[Items from a data source]
[Start of Attachment]

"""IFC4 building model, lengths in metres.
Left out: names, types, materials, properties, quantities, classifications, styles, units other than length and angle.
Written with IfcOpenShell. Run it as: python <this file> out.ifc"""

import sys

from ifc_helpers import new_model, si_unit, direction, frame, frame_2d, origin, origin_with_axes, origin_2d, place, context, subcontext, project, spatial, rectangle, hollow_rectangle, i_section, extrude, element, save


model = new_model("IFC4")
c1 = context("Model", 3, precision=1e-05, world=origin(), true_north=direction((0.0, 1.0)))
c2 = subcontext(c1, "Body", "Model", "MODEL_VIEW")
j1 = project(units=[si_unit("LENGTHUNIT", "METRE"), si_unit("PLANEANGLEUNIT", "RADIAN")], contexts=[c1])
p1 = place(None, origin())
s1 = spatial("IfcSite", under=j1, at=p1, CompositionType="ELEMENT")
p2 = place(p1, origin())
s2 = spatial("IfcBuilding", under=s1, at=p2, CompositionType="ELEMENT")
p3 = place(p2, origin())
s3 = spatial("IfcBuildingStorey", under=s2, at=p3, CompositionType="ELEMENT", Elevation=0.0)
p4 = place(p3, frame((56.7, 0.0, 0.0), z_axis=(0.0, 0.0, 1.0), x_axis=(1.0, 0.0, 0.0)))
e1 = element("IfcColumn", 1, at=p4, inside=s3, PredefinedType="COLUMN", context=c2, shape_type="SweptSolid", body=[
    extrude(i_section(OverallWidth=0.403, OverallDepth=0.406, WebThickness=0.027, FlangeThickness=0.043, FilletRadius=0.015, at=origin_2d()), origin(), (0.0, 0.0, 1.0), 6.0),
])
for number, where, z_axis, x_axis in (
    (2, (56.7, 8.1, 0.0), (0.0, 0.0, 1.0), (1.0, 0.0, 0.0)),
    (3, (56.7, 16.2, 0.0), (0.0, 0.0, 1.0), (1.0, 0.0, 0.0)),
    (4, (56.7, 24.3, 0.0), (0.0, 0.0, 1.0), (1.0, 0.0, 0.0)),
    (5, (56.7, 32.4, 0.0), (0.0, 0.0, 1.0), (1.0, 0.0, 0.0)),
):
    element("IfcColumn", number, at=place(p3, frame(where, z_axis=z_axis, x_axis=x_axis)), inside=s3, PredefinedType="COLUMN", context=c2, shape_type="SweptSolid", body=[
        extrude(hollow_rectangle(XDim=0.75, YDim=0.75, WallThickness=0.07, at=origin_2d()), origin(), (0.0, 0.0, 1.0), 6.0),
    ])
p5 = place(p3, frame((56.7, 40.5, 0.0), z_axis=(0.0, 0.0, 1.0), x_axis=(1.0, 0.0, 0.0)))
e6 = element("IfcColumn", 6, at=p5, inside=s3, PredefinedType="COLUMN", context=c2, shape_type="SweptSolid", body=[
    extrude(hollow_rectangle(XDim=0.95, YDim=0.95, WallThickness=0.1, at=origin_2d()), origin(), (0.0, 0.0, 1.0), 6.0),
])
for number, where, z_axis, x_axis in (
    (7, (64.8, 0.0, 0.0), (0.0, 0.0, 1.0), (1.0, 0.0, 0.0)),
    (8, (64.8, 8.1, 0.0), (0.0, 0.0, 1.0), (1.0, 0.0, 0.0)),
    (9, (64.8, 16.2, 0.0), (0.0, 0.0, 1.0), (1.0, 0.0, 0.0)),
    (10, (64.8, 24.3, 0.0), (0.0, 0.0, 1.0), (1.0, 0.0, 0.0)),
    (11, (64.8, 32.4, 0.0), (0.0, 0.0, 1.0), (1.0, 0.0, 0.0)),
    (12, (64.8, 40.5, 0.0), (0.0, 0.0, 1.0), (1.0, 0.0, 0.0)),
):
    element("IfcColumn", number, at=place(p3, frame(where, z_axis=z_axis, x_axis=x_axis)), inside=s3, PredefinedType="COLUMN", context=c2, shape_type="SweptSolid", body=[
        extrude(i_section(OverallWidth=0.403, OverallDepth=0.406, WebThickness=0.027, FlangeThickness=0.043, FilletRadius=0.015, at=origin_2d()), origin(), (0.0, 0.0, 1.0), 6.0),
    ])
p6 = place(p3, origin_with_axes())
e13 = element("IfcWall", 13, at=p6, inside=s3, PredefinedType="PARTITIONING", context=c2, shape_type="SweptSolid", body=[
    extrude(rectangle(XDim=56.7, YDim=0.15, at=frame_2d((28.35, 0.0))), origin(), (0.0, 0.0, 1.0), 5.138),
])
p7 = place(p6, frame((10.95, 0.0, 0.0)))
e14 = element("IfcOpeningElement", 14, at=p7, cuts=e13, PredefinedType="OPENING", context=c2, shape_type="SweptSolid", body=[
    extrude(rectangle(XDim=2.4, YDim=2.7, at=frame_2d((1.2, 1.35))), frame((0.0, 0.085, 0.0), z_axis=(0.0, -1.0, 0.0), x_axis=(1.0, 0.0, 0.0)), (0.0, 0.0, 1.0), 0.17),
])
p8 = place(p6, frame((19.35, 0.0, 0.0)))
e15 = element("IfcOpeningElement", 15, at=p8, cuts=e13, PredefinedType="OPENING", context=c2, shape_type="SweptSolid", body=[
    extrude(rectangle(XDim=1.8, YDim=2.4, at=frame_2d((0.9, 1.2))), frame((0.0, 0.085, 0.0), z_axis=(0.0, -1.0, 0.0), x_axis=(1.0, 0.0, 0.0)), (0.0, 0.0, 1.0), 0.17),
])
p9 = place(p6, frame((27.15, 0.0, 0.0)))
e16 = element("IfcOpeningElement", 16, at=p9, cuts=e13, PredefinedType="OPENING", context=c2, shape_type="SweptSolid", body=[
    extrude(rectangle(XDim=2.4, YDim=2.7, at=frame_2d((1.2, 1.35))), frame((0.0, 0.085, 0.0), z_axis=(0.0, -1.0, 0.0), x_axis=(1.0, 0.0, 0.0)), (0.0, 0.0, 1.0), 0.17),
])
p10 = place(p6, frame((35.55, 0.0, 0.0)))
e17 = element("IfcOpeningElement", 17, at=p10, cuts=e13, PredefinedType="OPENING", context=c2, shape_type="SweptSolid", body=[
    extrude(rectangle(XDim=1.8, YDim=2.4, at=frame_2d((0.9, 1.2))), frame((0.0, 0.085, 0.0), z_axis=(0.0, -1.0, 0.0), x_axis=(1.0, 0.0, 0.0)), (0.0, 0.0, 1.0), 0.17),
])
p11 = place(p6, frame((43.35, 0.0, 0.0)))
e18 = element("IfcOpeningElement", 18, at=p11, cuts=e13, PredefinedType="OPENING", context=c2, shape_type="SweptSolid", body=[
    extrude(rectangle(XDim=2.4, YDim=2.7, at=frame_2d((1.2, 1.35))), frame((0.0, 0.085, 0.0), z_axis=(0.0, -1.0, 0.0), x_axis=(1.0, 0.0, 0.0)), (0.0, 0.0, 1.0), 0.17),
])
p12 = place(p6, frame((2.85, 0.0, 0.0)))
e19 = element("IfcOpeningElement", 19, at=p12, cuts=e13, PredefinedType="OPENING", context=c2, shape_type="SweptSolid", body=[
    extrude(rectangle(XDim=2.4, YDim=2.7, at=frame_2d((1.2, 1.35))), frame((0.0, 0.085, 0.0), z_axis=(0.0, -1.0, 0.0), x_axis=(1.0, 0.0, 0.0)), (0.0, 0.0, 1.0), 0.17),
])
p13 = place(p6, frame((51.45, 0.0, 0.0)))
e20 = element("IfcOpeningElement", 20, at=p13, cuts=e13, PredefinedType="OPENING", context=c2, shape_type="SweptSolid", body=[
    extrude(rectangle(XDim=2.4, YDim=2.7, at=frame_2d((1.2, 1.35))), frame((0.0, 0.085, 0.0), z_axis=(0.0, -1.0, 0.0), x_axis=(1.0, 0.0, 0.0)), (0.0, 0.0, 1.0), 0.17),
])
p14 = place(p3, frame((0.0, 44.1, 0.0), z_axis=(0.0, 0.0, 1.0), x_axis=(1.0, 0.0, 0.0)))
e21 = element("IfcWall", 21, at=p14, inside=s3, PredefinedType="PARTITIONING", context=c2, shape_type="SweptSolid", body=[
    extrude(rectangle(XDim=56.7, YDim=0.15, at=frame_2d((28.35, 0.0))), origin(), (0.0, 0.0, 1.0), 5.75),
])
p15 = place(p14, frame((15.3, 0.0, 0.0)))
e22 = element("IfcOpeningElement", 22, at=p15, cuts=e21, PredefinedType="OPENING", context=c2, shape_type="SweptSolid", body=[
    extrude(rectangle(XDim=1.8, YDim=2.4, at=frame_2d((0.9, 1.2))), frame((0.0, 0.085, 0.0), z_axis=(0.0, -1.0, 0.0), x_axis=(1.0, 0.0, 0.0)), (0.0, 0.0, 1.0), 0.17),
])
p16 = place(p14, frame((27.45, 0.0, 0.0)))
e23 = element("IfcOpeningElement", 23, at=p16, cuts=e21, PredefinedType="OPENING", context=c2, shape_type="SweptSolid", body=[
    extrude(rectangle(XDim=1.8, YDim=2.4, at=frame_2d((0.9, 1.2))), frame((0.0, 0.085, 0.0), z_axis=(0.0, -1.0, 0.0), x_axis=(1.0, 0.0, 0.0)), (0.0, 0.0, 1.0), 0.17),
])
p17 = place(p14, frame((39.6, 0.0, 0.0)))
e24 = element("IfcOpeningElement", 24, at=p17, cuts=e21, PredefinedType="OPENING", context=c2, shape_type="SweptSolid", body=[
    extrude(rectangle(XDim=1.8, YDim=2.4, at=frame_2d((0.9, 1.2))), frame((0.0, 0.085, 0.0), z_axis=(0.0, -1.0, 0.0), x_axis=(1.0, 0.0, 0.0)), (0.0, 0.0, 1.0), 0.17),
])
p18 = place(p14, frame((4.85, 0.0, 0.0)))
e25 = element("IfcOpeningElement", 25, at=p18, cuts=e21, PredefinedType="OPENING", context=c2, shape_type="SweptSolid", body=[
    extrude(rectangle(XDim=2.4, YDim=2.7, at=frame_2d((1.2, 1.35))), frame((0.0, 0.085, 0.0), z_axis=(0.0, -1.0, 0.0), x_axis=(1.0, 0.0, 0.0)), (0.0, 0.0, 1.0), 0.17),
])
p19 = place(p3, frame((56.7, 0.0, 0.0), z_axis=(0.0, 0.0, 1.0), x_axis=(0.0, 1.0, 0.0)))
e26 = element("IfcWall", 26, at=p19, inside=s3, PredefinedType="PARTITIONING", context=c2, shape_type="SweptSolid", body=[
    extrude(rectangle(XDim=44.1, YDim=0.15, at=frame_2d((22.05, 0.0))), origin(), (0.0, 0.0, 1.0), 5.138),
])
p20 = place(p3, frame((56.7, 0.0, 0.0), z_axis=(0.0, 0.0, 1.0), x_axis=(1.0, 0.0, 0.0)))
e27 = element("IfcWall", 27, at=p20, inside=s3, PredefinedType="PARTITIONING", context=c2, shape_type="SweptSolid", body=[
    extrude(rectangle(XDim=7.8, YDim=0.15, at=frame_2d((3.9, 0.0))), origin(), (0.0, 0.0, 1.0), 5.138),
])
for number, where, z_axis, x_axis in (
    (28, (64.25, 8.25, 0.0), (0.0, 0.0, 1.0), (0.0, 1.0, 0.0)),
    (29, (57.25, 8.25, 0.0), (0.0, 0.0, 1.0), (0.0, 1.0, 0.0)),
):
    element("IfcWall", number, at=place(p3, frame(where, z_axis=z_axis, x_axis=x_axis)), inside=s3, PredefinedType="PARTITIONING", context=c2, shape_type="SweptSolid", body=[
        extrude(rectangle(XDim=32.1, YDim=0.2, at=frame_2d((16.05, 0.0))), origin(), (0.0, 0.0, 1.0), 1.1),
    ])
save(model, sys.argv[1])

[End of Attachment]

◆ WHAT NEEDS TO BE DONE:
Pull every line that holds the string "save" out of the records.

◆ EXERCISE ANSWER:
from ifc_helpers import new_model, si_unit, direction, frame, frame_2d, origin, origin_with_axes, origin_2d, place, context, subcontext, project, spatial, rectangle, hollow_rectangle, i_section, extrude, element, save
save(model, sys.argv[1])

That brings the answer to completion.